Problem to solve: Within the entries below, the lines from the one with "#101=FACE_BOUND('',#100,.T.);" through the one with "#108=DIRECTION('',(0.,-1.,0.));" are to be set down exactly, both ends kept.

START Supplied data

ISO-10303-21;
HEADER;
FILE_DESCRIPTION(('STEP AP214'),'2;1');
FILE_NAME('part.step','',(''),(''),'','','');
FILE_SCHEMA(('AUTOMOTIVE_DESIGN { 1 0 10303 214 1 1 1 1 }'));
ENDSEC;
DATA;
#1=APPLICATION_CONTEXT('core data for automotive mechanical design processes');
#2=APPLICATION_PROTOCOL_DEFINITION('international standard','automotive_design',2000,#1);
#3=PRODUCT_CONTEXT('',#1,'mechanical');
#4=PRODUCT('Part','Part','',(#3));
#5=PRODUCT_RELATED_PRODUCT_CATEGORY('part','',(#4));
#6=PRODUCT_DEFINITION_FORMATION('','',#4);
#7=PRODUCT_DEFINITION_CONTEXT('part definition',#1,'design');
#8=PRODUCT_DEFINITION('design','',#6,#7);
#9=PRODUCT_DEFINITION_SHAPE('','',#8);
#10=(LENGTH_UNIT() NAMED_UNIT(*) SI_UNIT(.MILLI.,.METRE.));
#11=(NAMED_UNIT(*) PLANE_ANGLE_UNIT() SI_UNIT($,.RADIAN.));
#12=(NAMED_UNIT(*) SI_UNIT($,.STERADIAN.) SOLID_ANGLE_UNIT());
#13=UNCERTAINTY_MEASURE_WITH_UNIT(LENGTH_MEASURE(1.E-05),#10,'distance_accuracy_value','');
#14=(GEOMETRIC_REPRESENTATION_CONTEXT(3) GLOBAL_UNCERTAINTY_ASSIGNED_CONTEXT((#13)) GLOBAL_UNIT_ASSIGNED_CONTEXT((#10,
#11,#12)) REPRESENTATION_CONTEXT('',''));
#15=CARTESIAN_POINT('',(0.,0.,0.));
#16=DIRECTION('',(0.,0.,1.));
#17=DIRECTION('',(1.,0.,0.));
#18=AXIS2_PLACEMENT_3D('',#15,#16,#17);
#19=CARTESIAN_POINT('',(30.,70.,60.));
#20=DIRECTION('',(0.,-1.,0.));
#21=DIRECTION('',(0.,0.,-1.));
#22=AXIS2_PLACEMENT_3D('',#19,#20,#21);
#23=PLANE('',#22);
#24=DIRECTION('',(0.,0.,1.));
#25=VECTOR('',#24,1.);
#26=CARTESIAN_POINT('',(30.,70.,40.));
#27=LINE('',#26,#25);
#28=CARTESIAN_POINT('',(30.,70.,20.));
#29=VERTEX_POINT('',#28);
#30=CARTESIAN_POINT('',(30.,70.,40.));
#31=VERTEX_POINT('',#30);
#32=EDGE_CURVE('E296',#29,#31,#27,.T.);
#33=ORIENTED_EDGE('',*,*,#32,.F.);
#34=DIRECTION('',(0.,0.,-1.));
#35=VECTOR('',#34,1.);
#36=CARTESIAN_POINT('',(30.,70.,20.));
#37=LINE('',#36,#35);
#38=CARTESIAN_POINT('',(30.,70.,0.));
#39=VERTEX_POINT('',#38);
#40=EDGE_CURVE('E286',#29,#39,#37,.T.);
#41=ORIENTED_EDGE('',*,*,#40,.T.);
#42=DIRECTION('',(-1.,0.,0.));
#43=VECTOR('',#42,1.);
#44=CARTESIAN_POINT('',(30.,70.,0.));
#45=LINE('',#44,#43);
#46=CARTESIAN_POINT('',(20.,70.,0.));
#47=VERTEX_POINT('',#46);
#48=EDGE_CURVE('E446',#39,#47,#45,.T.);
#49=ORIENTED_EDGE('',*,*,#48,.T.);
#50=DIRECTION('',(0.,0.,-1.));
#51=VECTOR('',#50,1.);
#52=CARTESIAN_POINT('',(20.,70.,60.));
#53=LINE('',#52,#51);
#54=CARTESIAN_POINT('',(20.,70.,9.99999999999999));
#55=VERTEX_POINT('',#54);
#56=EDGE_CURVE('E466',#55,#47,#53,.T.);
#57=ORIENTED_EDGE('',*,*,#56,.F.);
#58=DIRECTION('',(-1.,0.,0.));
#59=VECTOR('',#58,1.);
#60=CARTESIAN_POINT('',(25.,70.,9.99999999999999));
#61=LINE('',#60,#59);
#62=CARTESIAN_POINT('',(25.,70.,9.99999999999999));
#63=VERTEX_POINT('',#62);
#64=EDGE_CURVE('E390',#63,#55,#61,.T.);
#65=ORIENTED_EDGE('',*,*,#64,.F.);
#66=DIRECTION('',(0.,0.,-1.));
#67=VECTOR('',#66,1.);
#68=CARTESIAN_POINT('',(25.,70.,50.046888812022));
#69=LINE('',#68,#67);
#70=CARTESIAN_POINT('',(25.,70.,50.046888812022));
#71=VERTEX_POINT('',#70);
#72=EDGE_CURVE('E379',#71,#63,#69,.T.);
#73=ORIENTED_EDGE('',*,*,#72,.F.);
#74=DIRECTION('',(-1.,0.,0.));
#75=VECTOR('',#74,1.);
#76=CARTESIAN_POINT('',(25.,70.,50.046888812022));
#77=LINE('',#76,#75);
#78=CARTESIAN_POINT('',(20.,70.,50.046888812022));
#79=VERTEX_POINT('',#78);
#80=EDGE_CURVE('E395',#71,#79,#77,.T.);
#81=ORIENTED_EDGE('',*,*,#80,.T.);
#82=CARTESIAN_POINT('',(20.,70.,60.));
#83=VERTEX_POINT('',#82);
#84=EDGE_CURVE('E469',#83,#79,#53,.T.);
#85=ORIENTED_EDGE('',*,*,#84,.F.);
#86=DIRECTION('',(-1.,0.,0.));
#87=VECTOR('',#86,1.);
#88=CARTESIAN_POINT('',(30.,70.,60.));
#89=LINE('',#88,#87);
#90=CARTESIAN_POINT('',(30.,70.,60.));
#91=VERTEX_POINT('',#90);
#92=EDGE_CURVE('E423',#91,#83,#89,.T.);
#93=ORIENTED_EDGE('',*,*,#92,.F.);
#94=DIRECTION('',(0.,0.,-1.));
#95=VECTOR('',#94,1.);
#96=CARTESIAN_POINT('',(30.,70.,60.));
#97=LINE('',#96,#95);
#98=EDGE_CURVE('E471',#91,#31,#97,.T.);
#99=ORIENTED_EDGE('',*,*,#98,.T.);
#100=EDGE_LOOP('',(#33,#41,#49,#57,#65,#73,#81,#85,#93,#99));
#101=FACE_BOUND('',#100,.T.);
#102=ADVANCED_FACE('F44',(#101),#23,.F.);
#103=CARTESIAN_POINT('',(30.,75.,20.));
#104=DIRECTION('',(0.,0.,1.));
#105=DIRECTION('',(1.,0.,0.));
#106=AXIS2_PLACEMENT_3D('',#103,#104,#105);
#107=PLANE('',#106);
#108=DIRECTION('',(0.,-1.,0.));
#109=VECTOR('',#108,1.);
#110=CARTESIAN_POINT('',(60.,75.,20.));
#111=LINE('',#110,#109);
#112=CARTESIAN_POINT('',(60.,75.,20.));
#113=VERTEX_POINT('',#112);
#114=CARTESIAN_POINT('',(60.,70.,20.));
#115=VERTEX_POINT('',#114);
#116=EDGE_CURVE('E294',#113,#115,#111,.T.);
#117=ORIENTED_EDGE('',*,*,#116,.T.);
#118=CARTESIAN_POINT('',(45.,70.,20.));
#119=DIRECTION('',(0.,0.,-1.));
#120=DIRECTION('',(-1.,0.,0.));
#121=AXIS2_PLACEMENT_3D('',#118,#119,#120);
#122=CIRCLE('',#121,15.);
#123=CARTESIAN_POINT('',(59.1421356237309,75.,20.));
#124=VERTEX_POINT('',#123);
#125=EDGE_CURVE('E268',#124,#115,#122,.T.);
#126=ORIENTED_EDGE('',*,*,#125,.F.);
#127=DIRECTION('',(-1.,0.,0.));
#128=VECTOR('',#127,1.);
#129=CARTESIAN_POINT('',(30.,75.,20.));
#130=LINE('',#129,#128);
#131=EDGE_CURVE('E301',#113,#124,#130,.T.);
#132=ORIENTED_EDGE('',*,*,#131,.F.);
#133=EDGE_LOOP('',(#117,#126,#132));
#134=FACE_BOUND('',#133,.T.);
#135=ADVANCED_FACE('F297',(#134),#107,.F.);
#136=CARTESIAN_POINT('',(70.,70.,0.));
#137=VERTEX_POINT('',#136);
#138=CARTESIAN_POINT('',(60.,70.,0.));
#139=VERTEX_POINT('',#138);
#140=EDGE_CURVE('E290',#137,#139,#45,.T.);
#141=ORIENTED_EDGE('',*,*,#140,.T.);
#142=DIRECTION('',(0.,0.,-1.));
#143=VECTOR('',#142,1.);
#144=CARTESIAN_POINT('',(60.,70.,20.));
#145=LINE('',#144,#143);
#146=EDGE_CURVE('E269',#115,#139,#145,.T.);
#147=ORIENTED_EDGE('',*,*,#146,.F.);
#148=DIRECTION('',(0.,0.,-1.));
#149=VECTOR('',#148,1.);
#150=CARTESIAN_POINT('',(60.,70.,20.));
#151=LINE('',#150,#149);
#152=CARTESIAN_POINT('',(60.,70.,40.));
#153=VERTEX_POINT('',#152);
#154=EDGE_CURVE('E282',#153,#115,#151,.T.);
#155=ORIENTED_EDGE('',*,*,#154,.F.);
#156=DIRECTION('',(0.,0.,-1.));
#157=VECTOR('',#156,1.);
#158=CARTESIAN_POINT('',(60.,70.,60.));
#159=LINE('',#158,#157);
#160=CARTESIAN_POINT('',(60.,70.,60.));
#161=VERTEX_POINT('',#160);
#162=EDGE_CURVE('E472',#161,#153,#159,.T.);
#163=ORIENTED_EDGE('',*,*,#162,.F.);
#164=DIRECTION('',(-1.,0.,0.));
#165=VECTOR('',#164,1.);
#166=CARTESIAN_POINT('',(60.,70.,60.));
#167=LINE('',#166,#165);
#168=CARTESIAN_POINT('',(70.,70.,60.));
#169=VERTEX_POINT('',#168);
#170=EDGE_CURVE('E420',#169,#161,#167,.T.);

END Supplied data

Reply:
#101=FACE_BOUND('',#100,.T.);
#102=ADVANCED_FACE('F44',(#101),#23,.F.);
#103=CARTESIAN_POINT('',(30.,75.,20.));
#104=DIRECTION('',(0.,0.,1.));
#105=DIRECTION('',(1.,0.,0.));
#106=AXIS2_PLACEMENT_3D('',#103,#104,#105);
#107=PLANE('',#106);
#108=DIRECTION('',(0.,-1.,0.));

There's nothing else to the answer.